Supplied information ::
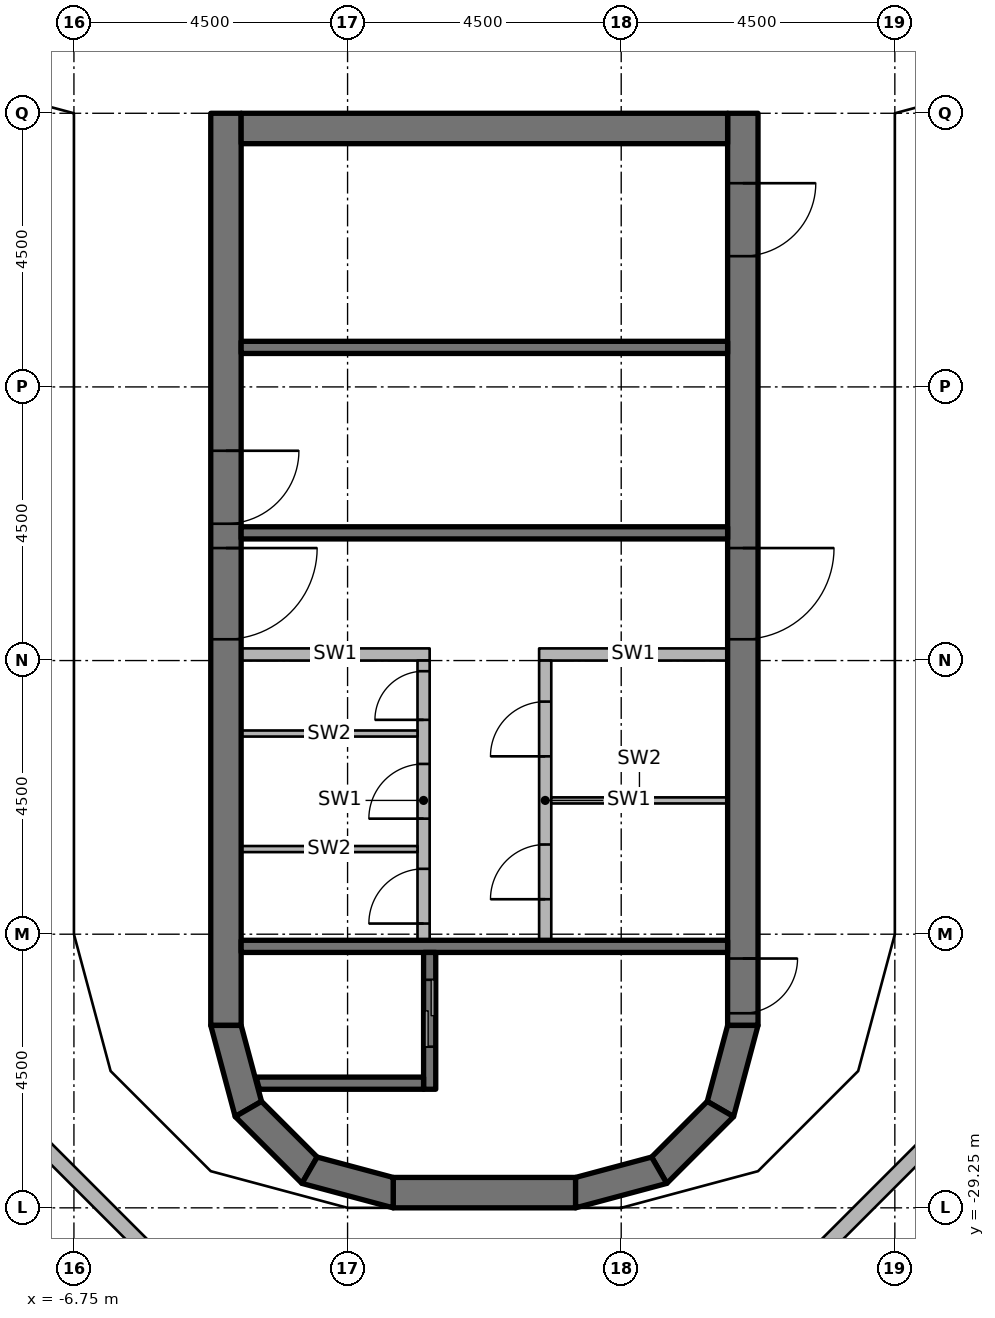
"""IFC4 building model, lengths in metres.
Left out: names, types, materials, properties, quantities, classifications, styles, units other than length and angle.
Written with IfcOpenShell. Run it as: python <this file> out.ifc"""

import sys

from ifc_helpers import new_model, si_unit, direction, frame, frame_2d, origin, origin_2d, place, context, subcontext, project, spatial, polyline, rectangle, outline, extrude, element, fill, save


model = new_model("IFC4")
c1 = context("Model", 3, precision=1e-05, world=origin(), true_north=direction((0.0, 1.0)))
c2 = subcontext(c1, "Body", "Model", "MODEL_VIEW")
j1 = project(units=[si_unit("LENGTHUNIT", "METRE"), si_unit("PLANEANGLEUNIT", "RADIAN")], contexts=[c1])
p1 = place(None, origin())
s1 = spatial("IfcSite", under=j1, at=p1, CompositionType="ELEMENT")
p2 = place(p1, origin())
s2 = spatial("IfcBuilding", under=s1, at=p2, CompositionType="ELEMENT")
p3 = place(p2, frame((0.0, 0.0, 295.2)))
s3 = spatial("IfcBuildingStorey", under=s2, at=p3, CompositionType="ELEMENT", Elevation=295.2)
for number, where, z_axis, x_axis in (
    (1, (-6.25, -24.65, 0.0), (0.0, 0.0, 1.0), (1.0, 0.0, 0.0)),
    (2, (-6.25, -20.25, 0.0), (0.0, 0.0, 1.0), (1.0, 0.0, 0.0)),
    (3, (-6.25, -15.75, 0.0), (0.0, 0.0, 1.0), (1.0, 0.0, 0.0)),
    (4, (-6.25, -10.75, 0.0), (0.0, 0.0, 1.0), (1.0, 0.0, 0.0)),
    (5, (6.25, -24.65, 0.0), (0.0, 0.0, 1.0), (1.0, 0.0, 0.0)),
    (6, (6.25, -20.25, 0.0), (0.0, 0.0, 1.0), (1.0, 0.0, 0.0)),
    (7, (6.25, -15.75, 0.0), (0.0, 0.0, 1.0), (1.0, 0.0, 0.0)),
    (8, (6.25, -10.75, 0.0), (0.0, 0.0, 1.0), (1.0, 0.0, 0.0)),
):
    element("IfcColumn", number, at=place(p3, frame(where, z_axis=z_axis, x_axis=x_axis)), inside=s3, PredefinedType="COLUMN", context=c2, shape_type="SweptSolid", body=[
        extrude(rectangle(XDim=0.6, YDim=0.6, at=origin_2d()), origin(), (0.0, 0.0, 1.0), 3.45),
    ])
p4 = place(p3, frame((-4.25, -11.25, 0.0), z_axis=(0.0, 0.0, 1.0), x_axis=(0.0, -1.0, 0.0)))
e9 = element("IfcWall", 9, at=p4, inside=s3, PredefinedType="SHEAR", context=c2, shape_type="SweptSolid", body=[
    extrude(rectangle(XDim=15.0, YDim=0.5, at=frame_2d((7.5, 0.0))), origin(), (0.0, 0.0, 1.0), 3.6),
])
p5 = place(p4, frame((7.15, 0.0, 0.0)))
e10 = element("IfcOpeningElement", 10, at=p5, cuts=e9, PredefinedType="OPENING", context=c2, shape_type="SweptSolid", body=[
    extrude(rectangle(XDim=1.5, YDim=2.3, at=frame_2d((0.75, 1.15))), frame((0.0, 0.26, 0.0), z_axis=(0.0, -1.0, 0.0), x_axis=(1.0, 0.0, 0.0)), (0.0, 0.0, 1.0), 0.52),
])
p6 = place(p4, frame((5.55, 0.0, 0.0)))
e11 = element("IfcOpeningElement", 11, at=p6, cuts=e9, PredefinedType="OPENING", context=c2, shape_type="SweptSolid", body=[
    extrude(rectangle(XDim=1.2, YDim=2.1, at=frame_2d((0.6, 1.05))), frame((0.0, 0.26, 0.0), z_axis=(0.0, -1.0, 0.0), x_axis=(1.0, 0.0, 0.0)), (0.0, 0.0, 1.0), 0.52),
])
p7 = place(p3, frame((4.25, -11.25, 0.0), z_axis=(0.0, 0.0, 1.0), x_axis=(0.0, -1.0, 0.0)))
e12 = element("IfcWall", 12, at=p7, inside=s3, PredefinedType="SHEAR", context=c2, shape_type="SweptSolid", body=[
    extrude(rectangle(XDim=15.0, YDim=0.5, at=frame_2d((7.5, 0.0))), origin(), (0.0, 0.0, 1.0), 3.6),
])
p8 = place(p7, frame((7.15, 0.0, 0.0)))
e13 = element("IfcOpeningElement", 13, at=p8, cuts=e12, PredefinedType="OPENING", context=c2, shape_type="SweptSolid", body=[
    extrude(rectangle(XDim=1.5, YDim=2.3, at=frame_2d((0.75, 1.15))), frame((0.0, 0.26, 0.0), z_axis=(0.0, -1.0, 0.0), x_axis=(1.0, 0.0, 0.0)), (0.0, 0.0, 1.0), 0.52),
])
p9 = place(p7, frame((13.9, 0.0, 0.0)))
e14 = element("IfcOpeningElement", 14, at=p9, cuts=e12, PredefinedType="OPENING", context=c2, shape_type="SweptSolid", body=[
    extrude(rectangle(XDim=0.9, YDim=2.1, at=frame_2d((0.45, 1.05))), frame((0.0, 0.26, 0.0), z_axis=(0.0, -1.0, 0.0), x_axis=(1.0, 0.0, 0.0)), (0.0, 0.0, 1.0), 0.52),
])
p10 = place(p7, frame((1.15, 0.0, 0.0)))
e15 = element("IfcOpeningElement", 15, at=p10, cuts=e12, PredefinedType="OPENING", context=c2, shape_type="SweptSolid", body=[
    extrude(rectangle(XDim=1.2, YDim=2.1, at=frame_2d((0.6, 1.05))), frame((0.0, 0.26, 0.0), z_axis=(0.0, -1.0, 0.0), x_axis=(1.0, 0.0, 0.0)), (0.0, 0.0, 1.0), 0.52),
])
p11 = place(p3, frame((-4.0, -11.5, 0.0), z_axis=(0.0, 0.0, 1.0), x_axis=(1.0, 0.0, 0.0)))
e16 = element("IfcWall", 16, at=p11, inside=s3, PredefinedType="SHEAR", context=c2, shape_type="SweptSolid", body=[
    extrude(rectangle(XDim=8.0, YDim=0.5, at=frame_2d((4.0, 0.0))), origin(), (0.0, 0.0, 1.0), 3.6),
])
p12 = place(p3, frame((-1.5, -29.0, 0.0), z_axis=(0.0, 0.0, 1.0), x_axis=(1.0, 0.0, 0.0)))
e17 = element("IfcWall", 17, at=p12, inside=s3, PredefinedType="SHEAR", context=c2, shape_type="SweptSolid", body=[
    extrude(rectangle(XDim=3.0, YDim=0.5, at=frame_2d((1.5, 0.0))), origin(), (0.0, 0.0, 1.0), 3.6),
])
p13 = place(p3, origin())
e18 = element("IfcWall", 18, at=p13, inside=s3, PredefinedType="SHEAR", context=c2, shape_type="SweptSolid", body=[
    extrude(outline(polyline([(-4.5, -26.25), (-4.098, -27.75), (-3.665, -27.5), (-4.0, -26.25), (-4.5, -26.25)])), origin(), (0.0, 0.0, 1.0), 3.6),
])
p14 = place(p3, origin())
e19 = element("IfcWall", 19, at=p14, inside=s3, PredefinedType="SHEAR", context=c2, shape_type="SweptSolid", body=[
    extrude(outline(polyline([(-4.098, -27.75), (-3.0, -28.848), (-2.75, -28.415), (-3.665, -27.5), (-4.098, -27.75)])), origin(), (0.0, 0.0, 1.0), 3.6),
])
p15 = place(p3, origin())
e20 = element("IfcWall", 20, at=p15, inside=s3, PredefinedType="SHEAR", context=c2, shape_type="SweptSolid", body=[
    extrude(outline(polyline([(-3.0, -28.848), (-1.5, -29.25), (-1.5, -28.75), (-2.75, -28.415), (-3.0, -28.848)])), origin(), (0.0, 0.0, 1.0), 3.6),
])
p16 = place(p3, origin())
e21 = element("IfcWall", 21, at=p16, inside=s3, PredefinedType="SHEAR", context=c2, shape_type="SweptSolid", body=[
    extrude(outline(polyline([(4.5, -26.25), (4.098, -27.75), (3.665, -27.5), (4.0, -26.25), (4.5, -26.25)])), origin(), (0.0, 0.0, 1.0), 3.6),
])
p17 = place(p3, origin())
e22 = element("IfcWall", 22, at=p17, inside=s3, PredefinedType="SHEAR", context=c2, shape_type="SweptSolid", body=[
    extrude(outline(polyline([(4.098, -27.75), (3.0, -28.848), (2.75, -28.415), (3.665, -27.5), (4.098, -27.75)])), origin(), (0.0, 0.0, 1.0), 3.6),
])
p18 = place(p3, origin())
e23 = element("IfcWall", 23, at=p18, inside=s3, PredefinedType="SHEAR", context=c2, shape_type="SweptSolid", body=[
    extrude(outline(polyline([(3.0, -28.848), (1.5, -29.25), (1.5, -28.75), (2.75, -28.415), (3.0, -28.848)])), origin(), (0.0, 0.0, 1.0), 3.6),
])
p19 = place(p3, origin())
e24 = element("IfcWall", 24, at=p19, inside=s3, PredefinedType="PARAPET", context=c2, shape_type="SweptSolid", body=[
    extrude(outline(polyline([(-5.421, -30.243), (-7.743, -27.921), (-7.519, -27.792), (-5.292, -30.019), (-5.421, -30.243)])), origin(), (0.0, 0.0, 1.0), 1.22),
])
p20 = place(p3, origin())
e25 = element("IfcWall", 25, at=p20, inside=s3, PredefinedType="PARAPET", context=c2, shape_type="SweptSolid", body=[
    extrude(outline(polyline([(7.743, -27.921), (5.421, -30.243), (5.292, -30.019), (7.519, -27.792), (7.743, -27.921)])), origin(), (0.0, 0.0, 1.0), 1.22),
])
p21 = place(p3, frame((4.0, -24.95, 0.0), z_axis=(0.0, 0.0, 1.0), x_axis=(-1.0, 0.0, 0.0)))
e26 = element("IfcWall", 26, at=p21, inside=s3, PredefinedType="SHEAR", context=c2, shape_type="SweptSolid", body=[
    extrude(rectangle(XDim=8.0, YDim=0.2, at=frame_2d((4.0, 0.0))), origin(), (0.0, 0.0, 1.0), 3.45),
])
p22 = place(p3, frame((-0.9, -27.3, 0.0), z_axis=(0.0, 0.0, 1.0), x_axis=(0.0, 1.0, 0.0)))
e27 = element("IfcWall", 27, at=p22, inside=s3, PredefinedType="SHEAR", context=c2, shape_type="SweptSolid", body=[
    extrude(rectangle(XDim=2.25, YDim=0.2, at=frame_2d((1.125, 0.0))), origin(), (0.0, 0.0, 1.0), 3.45),
])
p23 = place(p22, frame((0.7, 0.0, 0.0)))
e28 = element("IfcOpeningElement", 28, at=p23, cuts=e27, PredefinedType="OPENING", context=c2, shape_type="SweptSolid", body=[
    extrude(rectangle(XDim=1.1, YDim=2.3, at=frame_2d((0.55, 1.15))), frame((0.0, 0.11, 0.0), z_axis=(0.0, -1.0, 0.0), x_axis=(1.0, 0.0, 0.0)), (0.0, 0.0, 1.0), 0.22),
])
p24 = place(p3, origin())
e29 = element("IfcWall", 29, at=p24, inside=s3, PredefinedType="SHEAR", context=c2, shape_type="SweptSolid", body=[
    extrude(outline(polyline([(-1.0, -27.1), (-3.755, -27.1), (-3.701, -27.3), (-1.0, -27.3), (-1.0, -27.1)])), origin(), (0.0, 0.0, 1.0), 3.45),
])
for number, where, z_axis, x_axis in (
    (30, (4.0, -18.15, 0.0), (0.0, 0.0, 1.0), (-1.0, 0.0, 0.0)),
    (31, (4.0, -15.1, 0.0), (0.0, 0.0, 1.0), (-1.0, 0.0, 0.0)),
):
    element("IfcWall", number, at=place(p3, frame(where, z_axis=z_axis, x_axis=x_axis)), inside=s3, PredefinedType="SHEAR", context=c2, shape_type="SweptSolid", body=[
        extrude(rectangle(XDim=8.0, YDim=0.2, at=frame_2d((4.0, 0.0))), origin(), (0.0, 0.0, 1.0), 3.45),
    ])
p25 = place(p3, frame((4.0, -20.15, 0.0), z_axis=(0.0, 0.0, 1.0), x_axis=(-1.0, 0.0, 0.0)))
e32 = element("IfcWall", 32, at=p25, inside=s3, PredefinedType="PARTITIONING", context=c2, shape_type="SweptSolid", body=[
    extrude(rectangle(XDim=3.1, YDim=0.2, at=frame_2d((1.55, 0.0))), origin(), (0.0, 0.0, 1.0), 3.45),
])
p26 = place(p3, frame((1.0, -24.85, 0.0), z_axis=(0.0, 0.0, 1.0), x_axis=(0.0, 1.0, 0.0)))
e33 = element("IfcWall", 33, at=p26, inside=s3, PredefinedType="PARTITIONING", context=c2, shape_type="SweptSolid", body=[
    extrude(rectangle(XDim=4.6, YDim=0.2, at=frame_2d((2.3, 0.0))), origin(), (0.0, 0.0, 1.0), 3.45),
])
p27 = place(p26, frame((0.675, 0.0, 0.0)))
e34 = element("IfcOpeningElement", 34, at=p27, cuts=e33, PredefinedType="OPENING", context=c2, shape_type="SweptSolid", body=[
    extrude(rectangle(XDim=0.9, YDim=2.1, at=frame_2d((0.45, 1.05))), frame((0.0, 0.11, 0.0), z_axis=(0.0, -1.0, 0.0), x_axis=(1.0, 0.0, 0.0)), (0.0, 0.0, 1.0), 0.22),
])
p28 = place(p26, frame((3.025, 0.0, 0.0)))
e35 = element("IfcOpeningElement", 35, at=p28, cuts=e33, PredefinedType="OPENING", context=c2, shape_type="SweptSolid", body=[
    extrude(rectangle(XDim=0.9, YDim=2.1, at=frame_2d((0.45, 1.05))), frame((0.0, 0.11, 0.0), z_axis=(0.0, -1.0, 0.0), x_axis=(1.0, 0.0, 0.0)), (0.0, 0.0, 1.0), 0.22),
])
p29 = place(p3, frame((-0.9, -20.15, 0.0), z_axis=(0.0, 0.0, 1.0), x_axis=(-1.0, 0.0, 0.0)))
e36 = element("IfcWall", 36, at=p29, inside=s3, PredefinedType="PARTITIONING", context=c2, shape_type="SweptSolid", body=[
    extrude(rectangle(XDim=3.1, YDim=0.2, at=frame_2d((1.55, 0.0))), origin(), (0.0, 0.0, 1.0), 3.45),
])
p30 = place(p3, frame((-1.0, -24.85, 0.0), z_axis=(0.0, 0.0, 1.0), x_axis=(0.0, 1.0, 0.0)))
e37 = element("IfcWall", 37, at=p30, inside=s3, PredefinedType="PARTITIONING", context=c2, shape_type="SweptSolid", body=[
    extrude(rectangle(XDim=4.6, YDim=0.2, at=frame_2d((2.3, 0.0))), origin(), (0.0, 0.0, 1.0), 3.45),
])
p31 = place(p30, frame((0.275, 0.0, 0.0)))
e38 = element("IfcOpeningElement", 38, at=p31, cuts=e37, PredefinedType="OPENING", context=c2, shape_type="SweptSolid", body=[
    extrude(rectangle(XDim=0.9, YDim=2.1, at=frame_2d((0.45, 1.05))), frame((0.0, 0.11, 0.0), z_axis=(0.0, -1.0, 0.0), x_axis=(1.0, 0.0, 0.0)), (0.0, 0.0, 1.0), 0.22),
])
p32 = place(p30, frame((2.0, 0.0, 0.0)))
e39 = element("IfcOpeningElement", 39, at=p32, cuts=e37, PredefinedType="OPENING", context=c2, shape_type="SweptSolid", body=[
    extrude(rectangle(XDim=0.9, YDim=2.1, at=frame_2d((0.45, 1.05))), frame((0.0, 0.11, 0.0), z_axis=(0.0, -1.0, 0.0), x_axis=(1.0, 0.0, 0.0)), (0.0, 0.0, 1.0), 0.22),
])
p33 = place(p30, frame((3.625, 0.0, 0.0)))
e40 = element("IfcOpeningElement", 40, at=p33, cuts=e37, PredefinedType="OPENING", context=c2, shape_type="SweptSolid", body=[
    extrude(rectangle(XDim=0.8, YDim=2.1, at=frame_2d((0.4, 1.05))), frame((0.0, 0.11, 0.0), z_axis=(0.0, -1.0, 0.0), x_axis=(1.0, 0.0, 0.0)), (0.0, 0.0, 1.0), 0.22),
])
for number, where, z_axis, x_axis in (
    (41, (4.0, -22.55, 0.0), (0.0, 0.0, 1.0), (-1.0, 0.0, 0.0)),
    (42, (-1.1, -23.35, 0.0), (0.0, 0.0, 1.0), (-1.0, 0.0, 0.0)),
    (43, (-1.1, -21.45, 0.0), (0.0, 0.0, 1.0), (-1.0, 0.0, 0.0)),
):
    element("IfcWall", number, at=place(p3, frame(where, z_axis=z_axis, x_axis=x_axis)), inside=s3, PredefinedType="PARTITIONING", context=c2, shape_type="SweptSolid", body=[
        extrude(rectangle(XDim=2.9, YDim=0.1, at=frame_2d((1.45, 0.0))), origin(), (0.0, 0.0, 1.0), 3.45),
    ])
p34 = place(p8, origin())
e44 = element("IfcDoor", 44, at=p34, inside=s3, OperationType="DOUBLE_DOOR_SINGLE_SWING", PredefinedType="DOOR", context=c2, shape_type="SweptSolid", body=[
    extrude(rectangle(XDim=1.5, YDim=2.3, at=frame_2d((0.75, 1.15))), frame((0.0, 0.025, 0.0), z_axis=(0.0, -1.0, 0.0), x_axis=(1.0, 0.0, 0.0)), (0.0, 0.0, 1.0), 0.05),
])
fill(e13, e44)
p35 = place(p5, origin())
e45 = element("IfcDoor", 45, at=p35, inside=s3, OperationType="DOUBLE_DOOR_SINGLE_SWING", PredefinedType="DOOR", context=c2, shape_type="SweptSolid", body=[
    extrude(rectangle(XDim=1.5, YDim=2.3, at=frame_2d((0.75, 1.15))), frame((0.0, 0.025, 0.0), z_axis=(0.0, -1.0, 0.0), x_axis=(1.0, 0.0, 0.0)), (0.0, 0.0, 1.0), 0.05),
])
fill(e10, e45)
p36 = place(p9, origin())
e46 = element("IfcDoor", 46, at=p36, inside=s3, OperationType="SINGLE_SWING_RIGHT", PredefinedType="DOOR", context=c2, shape_type="SweptSolid", body=[
    extrude(rectangle(XDim=0.9, YDim=2.1, at=frame_2d((0.45, 1.05))), frame((0.0, 0.025, 0.0), z_axis=(0.0, -1.0, 0.0), x_axis=(1.0, 0.0, 0.0)), (0.0, 0.0, 1.0), 0.05),
])
fill(e14, e46)
p37 = place(p6, origin())
e47 = element("IfcDoor", 47, at=p37, inside=s3, OperationType="SINGLE_SWING_RIGHT", PredefinedType="DOOR", context=c2, shape_type="SweptSolid", body=[
    extrude(rectangle(XDim=1.2, YDim=2.1, at=frame_2d((0.6, 1.05))), frame((0.0, 0.025, 0.0), z_axis=(0.0, -1.0, 0.0), x_axis=(1.0, 0.0, 0.0)), (0.0, 0.0, 1.0), 0.05),
])
fill(e11, e47)
p38 = place(p10, origin())
e48 = element("IfcDoor", 48, at=p38, inside=s3, OperationType="SINGLE_SWING_RIGHT", PredefinedType="DOOR", context=c2, shape_type="SweptSolid", body=[
    extrude(rectangle(XDim=1.2, YDim=2.1, at=frame_2d((0.6, 1.05))), frame((0.0, 0.025, 0.0), z_axis=(0.0, -1.0, 0.0), x_axis=(1.0, 0.0, 0.0)), (0.0, 0.0, 1.0), 0.05),
])
fill(e15, e48)
p39 = place(p23, origin())
e49 = element("IfcDoor", 49, at=p39, inside=s3, OperationType="DOUBLE_DOOR_SLIDING", PredefinedType="DOOR", context=c2, shape_type="SweptSolid", body=[
    extrude(rectangle(XDim=1.1, YDim=2.3, at=frame_2d((0.55, 1.15))), frame((0.0, 0.025, 0.0), z_axis=(0.0, -1.0, 0.0), x_axis=(1.0, 0.0, 0.0)), (0.0, 0.0, 1.0), 0.05),
])
fill(e28, e49)
p40 = place(p27, origin())
e50 = element("IfcDoor", 50, at=p40, inside=s3, OperationType="SINGLE_SWING_LEFT", PredefinedType="DOOR", context=c2, shape_type="SweptSolid", body=[
    extrude(rectangle(XDim=0.9, YDim=2.1, at=frame_2d((0.45, 1.05))), frame((0.0, 0.025, 0.0), z_axis=(0.0, -1.0, 0.0), x_axis=(1.0, 0.0, 0.0)), (0.0, 0.0, 1.0), 0.05),
])
fill(e34, e50)
p41 = place(p28, origin())
e51 = element("IfcDoor", 51, at=p41, inside=s3, OperationType="SINGLE_SWING_RIGHT", PredefinedType="DOOR", context=c2, shape_type="SweptSolid", body=[
    extrude(rectangle(XDim=0.9, YDim=2.1, at=frame_2d((0.45, 1.05))), frame((0.0, 0.025, 0.0), z_axis=(0.0, -1.0, 0.0), x_axis=(1.0, 0.0, 0.0)), (0.0, 0.0, 1.0), 0.05),
])
fill(e35, e51)
p42 = place(p31, origin())
e52 = element("IfcDoor", 52, at=p42, inside=s3, OperationType="SINGLE_SWING_RIGHT", PredefinedType="DOOR", context=c2, shape_type="SweptSolid", body=[
    extrude(rectangle(XDim=0.9, YDim=2.1, at=frame_2d((0.45, 1.05))), frame((0.0, 0.025, 0.0), z_axis=(0.0, -1.0, 0.0), x_axis=(1.0, 0.0, 0.0)), (0.0, 0.0, 1.0), 0.05),
])
fill(e38, e52)
p43 = place(p32, origin())
e53 = element("IfcDoor", 53, at=p43, inside=s3, OperationType="SINGLE_SWING_LEFT", PredefinedType="DOOR", context=c2, shape_type="SweptSolid", body=[
    extrude(rectangle(XDim=0.9, YDim=2.1, at=frame_2d((0.45, 1.05))), frame((0.0, 0.025, 0.0), z_axis=(0.0, -1.0, 0.0), x_axis=(1.0, 0.0, 0.0)), (0.0, 0.0, 1.0), 0.05),
])
fill(e39, e53)
p44 = place(p33, origin())
e54 = element("IfcDoor", 54, at=p44, inside=s3, OperationType="SINGLE_SWING_RIGHT", PredefinedType="DOOR", context=c2, shape_type="SweptSolid", body=[
    extrude(rectangle(XDim=0.8, YDim=2.1, at=frame_2d((0.4, 1.05))), frame((0.0, 0.025, 0.0), z_axis=(0.0, -1.0, 0.0), x_axis=(1.0, 0.0, 0.0)), (0.0, 0.0, 1.0), 0.05),
])
fill(e40, e54)
save(model, sys.argv[1])

Exercise brief :: Go through the records above and copy every line with the word "subcontext".

Answer space ::
from ifc_helpers import new_model, si_unit, direction, frame, frame_2d, origin, origin_2d, place, context, subcontext, project, spatial, polyline, rectangle, outline, extrude, element, fill, save
c2 = subcontext(c1, "Body", "Model", "MODEL_VIEW")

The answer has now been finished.